Please give back word for word the lines of the material below between the line containing "#20=VERTEX_POINT('',#19);" and the line containing "#33=CIRCLE('',#32,0.1772);", inclusive.

▶ _Data to use_:
▼

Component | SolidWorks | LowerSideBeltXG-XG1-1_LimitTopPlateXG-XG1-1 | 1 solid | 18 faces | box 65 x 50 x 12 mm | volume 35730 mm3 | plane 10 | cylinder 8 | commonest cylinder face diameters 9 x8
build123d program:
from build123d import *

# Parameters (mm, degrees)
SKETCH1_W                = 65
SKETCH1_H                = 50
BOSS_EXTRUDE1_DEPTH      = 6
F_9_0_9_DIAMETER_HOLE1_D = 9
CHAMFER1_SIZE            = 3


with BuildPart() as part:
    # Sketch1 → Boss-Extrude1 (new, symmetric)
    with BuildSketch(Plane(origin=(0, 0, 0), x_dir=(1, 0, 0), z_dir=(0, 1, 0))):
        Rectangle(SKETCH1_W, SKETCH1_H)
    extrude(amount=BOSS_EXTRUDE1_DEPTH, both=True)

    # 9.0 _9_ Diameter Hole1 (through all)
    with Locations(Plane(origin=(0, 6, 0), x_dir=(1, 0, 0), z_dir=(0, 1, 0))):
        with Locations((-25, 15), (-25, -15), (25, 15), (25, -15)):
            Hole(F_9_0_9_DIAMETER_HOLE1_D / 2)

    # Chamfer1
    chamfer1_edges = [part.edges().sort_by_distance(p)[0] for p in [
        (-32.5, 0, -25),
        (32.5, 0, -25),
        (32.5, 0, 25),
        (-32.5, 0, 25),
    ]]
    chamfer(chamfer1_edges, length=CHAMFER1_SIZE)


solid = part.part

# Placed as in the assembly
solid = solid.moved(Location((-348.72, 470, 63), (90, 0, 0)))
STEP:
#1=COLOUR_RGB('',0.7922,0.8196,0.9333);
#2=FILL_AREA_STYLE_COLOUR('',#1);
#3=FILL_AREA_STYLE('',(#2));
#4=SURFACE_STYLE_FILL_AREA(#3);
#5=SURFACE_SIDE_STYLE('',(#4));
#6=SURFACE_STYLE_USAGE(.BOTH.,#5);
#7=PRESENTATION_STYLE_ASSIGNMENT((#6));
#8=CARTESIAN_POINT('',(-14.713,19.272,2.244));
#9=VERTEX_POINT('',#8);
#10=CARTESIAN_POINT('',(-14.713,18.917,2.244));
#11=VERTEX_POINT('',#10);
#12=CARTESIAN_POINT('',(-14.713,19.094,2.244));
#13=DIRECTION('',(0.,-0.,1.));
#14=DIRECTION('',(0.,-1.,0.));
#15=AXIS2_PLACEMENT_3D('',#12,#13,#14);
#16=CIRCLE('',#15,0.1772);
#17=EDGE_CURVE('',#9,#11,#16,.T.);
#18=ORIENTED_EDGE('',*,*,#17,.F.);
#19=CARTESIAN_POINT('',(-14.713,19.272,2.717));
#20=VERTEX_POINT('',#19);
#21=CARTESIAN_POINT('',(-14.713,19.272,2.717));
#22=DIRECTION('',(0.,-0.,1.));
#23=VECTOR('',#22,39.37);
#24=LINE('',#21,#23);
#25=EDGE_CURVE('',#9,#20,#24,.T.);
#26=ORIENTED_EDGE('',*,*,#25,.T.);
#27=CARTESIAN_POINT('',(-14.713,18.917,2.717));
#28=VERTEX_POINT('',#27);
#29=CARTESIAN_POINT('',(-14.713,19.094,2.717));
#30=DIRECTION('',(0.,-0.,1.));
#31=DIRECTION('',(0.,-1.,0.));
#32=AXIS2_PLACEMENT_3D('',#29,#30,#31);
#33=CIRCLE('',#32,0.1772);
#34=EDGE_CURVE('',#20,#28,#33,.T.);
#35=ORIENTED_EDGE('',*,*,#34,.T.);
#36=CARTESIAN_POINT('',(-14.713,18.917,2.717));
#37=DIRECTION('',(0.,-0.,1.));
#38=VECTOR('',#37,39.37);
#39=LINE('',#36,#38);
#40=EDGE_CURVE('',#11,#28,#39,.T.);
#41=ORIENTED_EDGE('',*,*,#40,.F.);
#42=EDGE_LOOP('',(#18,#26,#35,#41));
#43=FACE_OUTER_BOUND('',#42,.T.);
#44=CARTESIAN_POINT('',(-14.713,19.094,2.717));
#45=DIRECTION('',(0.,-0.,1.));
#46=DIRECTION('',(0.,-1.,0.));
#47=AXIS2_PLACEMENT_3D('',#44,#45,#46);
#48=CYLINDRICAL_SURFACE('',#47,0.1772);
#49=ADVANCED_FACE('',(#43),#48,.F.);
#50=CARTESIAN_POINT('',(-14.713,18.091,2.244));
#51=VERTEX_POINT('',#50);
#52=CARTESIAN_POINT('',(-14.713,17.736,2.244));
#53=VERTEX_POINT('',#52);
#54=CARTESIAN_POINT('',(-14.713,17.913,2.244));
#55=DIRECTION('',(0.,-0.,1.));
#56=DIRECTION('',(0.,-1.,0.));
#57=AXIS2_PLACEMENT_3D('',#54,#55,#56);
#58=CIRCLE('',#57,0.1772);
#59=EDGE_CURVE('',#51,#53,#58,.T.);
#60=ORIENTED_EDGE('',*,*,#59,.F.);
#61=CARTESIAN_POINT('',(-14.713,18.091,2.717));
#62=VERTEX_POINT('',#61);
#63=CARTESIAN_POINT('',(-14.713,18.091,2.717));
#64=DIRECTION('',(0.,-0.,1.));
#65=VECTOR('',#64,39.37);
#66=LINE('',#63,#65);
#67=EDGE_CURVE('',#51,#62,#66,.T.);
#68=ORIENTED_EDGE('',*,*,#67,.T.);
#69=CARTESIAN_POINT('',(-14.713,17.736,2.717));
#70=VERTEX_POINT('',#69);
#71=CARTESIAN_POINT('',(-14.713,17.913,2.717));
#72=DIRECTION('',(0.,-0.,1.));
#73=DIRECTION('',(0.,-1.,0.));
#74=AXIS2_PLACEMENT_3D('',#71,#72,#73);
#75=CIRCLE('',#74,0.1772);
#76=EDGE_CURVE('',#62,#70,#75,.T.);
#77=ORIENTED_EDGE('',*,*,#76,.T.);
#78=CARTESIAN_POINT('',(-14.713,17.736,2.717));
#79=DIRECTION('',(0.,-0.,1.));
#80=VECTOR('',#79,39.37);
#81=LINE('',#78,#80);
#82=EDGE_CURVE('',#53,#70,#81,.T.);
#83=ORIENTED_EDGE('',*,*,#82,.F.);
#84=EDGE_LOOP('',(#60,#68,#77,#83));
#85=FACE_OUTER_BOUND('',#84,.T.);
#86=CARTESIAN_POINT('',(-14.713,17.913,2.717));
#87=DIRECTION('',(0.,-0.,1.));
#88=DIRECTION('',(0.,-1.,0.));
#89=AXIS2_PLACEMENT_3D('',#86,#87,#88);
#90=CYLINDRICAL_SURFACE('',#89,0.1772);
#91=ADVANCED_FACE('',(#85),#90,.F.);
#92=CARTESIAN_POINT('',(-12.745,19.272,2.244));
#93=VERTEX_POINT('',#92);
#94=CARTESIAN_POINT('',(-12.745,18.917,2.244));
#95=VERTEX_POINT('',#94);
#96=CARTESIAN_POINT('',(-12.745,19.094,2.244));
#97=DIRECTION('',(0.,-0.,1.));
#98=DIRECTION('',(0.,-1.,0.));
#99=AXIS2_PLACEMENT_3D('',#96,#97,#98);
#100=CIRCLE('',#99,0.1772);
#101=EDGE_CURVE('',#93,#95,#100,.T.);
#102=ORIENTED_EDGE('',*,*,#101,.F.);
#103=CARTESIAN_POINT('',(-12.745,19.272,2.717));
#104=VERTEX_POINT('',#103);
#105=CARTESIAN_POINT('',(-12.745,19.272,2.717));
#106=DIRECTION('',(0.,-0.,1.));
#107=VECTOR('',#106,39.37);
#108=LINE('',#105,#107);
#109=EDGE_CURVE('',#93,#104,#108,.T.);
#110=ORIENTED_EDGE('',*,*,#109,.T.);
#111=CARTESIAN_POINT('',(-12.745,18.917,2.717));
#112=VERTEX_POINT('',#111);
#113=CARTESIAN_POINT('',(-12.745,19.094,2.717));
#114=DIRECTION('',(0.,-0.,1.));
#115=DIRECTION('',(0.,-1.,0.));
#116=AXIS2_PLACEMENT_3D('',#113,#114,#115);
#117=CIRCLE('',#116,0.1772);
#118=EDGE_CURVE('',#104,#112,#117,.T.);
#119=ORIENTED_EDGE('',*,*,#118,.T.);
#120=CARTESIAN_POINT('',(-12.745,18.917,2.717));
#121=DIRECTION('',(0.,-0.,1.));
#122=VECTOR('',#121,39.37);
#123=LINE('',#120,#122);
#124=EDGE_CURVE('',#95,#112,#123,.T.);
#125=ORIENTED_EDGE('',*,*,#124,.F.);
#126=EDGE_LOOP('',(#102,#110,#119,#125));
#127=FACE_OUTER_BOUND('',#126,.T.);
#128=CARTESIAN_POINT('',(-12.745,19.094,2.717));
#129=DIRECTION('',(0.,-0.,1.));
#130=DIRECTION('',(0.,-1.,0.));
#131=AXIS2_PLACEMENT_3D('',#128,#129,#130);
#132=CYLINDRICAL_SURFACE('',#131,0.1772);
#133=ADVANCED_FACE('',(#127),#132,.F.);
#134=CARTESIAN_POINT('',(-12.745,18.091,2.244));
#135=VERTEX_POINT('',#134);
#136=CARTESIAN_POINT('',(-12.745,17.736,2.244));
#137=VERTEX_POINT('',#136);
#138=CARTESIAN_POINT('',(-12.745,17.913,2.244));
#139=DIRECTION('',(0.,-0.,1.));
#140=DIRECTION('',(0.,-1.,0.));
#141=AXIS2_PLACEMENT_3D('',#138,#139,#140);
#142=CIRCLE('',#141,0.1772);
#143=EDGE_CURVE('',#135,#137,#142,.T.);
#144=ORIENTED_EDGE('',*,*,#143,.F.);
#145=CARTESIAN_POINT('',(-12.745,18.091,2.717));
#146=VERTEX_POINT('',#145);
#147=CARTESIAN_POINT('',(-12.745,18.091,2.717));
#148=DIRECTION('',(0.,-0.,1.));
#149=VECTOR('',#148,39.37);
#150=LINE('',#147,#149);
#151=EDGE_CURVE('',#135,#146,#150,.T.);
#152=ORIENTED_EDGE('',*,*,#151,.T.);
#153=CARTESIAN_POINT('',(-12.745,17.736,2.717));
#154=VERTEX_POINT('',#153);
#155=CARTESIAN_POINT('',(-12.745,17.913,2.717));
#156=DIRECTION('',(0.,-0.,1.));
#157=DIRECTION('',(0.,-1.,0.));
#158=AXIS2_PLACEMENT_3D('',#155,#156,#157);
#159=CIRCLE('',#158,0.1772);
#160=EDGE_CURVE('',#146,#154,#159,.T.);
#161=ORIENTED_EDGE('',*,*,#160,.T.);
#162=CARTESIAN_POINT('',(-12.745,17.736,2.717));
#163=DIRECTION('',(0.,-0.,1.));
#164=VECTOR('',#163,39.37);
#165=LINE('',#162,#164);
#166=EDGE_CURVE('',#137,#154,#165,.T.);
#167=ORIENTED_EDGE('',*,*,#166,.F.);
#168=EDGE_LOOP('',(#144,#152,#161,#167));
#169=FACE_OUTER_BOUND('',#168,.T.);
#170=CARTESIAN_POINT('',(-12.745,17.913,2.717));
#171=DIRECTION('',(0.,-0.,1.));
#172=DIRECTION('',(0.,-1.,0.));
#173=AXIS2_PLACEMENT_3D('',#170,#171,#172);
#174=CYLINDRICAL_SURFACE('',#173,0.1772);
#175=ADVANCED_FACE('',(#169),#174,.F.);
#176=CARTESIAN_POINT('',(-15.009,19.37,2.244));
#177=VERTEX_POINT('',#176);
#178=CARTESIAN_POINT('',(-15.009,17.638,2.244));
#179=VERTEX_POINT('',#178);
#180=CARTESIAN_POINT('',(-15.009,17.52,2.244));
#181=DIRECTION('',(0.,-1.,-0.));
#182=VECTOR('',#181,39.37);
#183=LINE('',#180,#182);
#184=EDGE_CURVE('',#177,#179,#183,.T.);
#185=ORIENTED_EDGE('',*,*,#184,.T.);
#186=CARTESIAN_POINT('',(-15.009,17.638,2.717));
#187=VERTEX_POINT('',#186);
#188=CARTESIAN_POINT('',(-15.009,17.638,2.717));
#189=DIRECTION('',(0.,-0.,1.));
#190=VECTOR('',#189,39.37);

▲

▶ _Output for this exercise_:
#20=VERTEX_POINT('',#19);
#21=CARTESIAN_POINT('',(-14.713,19.272,2.717));
#22=DIRECTION('',(0.,-0.,1.));
#23=VECTOR('',#22,39.37);
#24=LINE('',#21,#23);
#25=EDGE_CURVE('',#9,#20,#24,.T.);
#26=ORIENTED_EDGE('',*,*,#25,.T.);
#27=CARTESIAN_POINT('',(-14.713,18.917,2.717));
#28=VERTEX_POINT('',#27);
#29=CARTESIAN_POINT('',(-14.713,19.094,2.717));
#30=DIRECTION('',(0.,-0.,1.));
#31=DIRECTION('',(0.,-1.,0.));
#32=AXIS2_PLACEMENT_3D('',#29,#30,#31);
#33=CIRCLE('',#32,0.1772);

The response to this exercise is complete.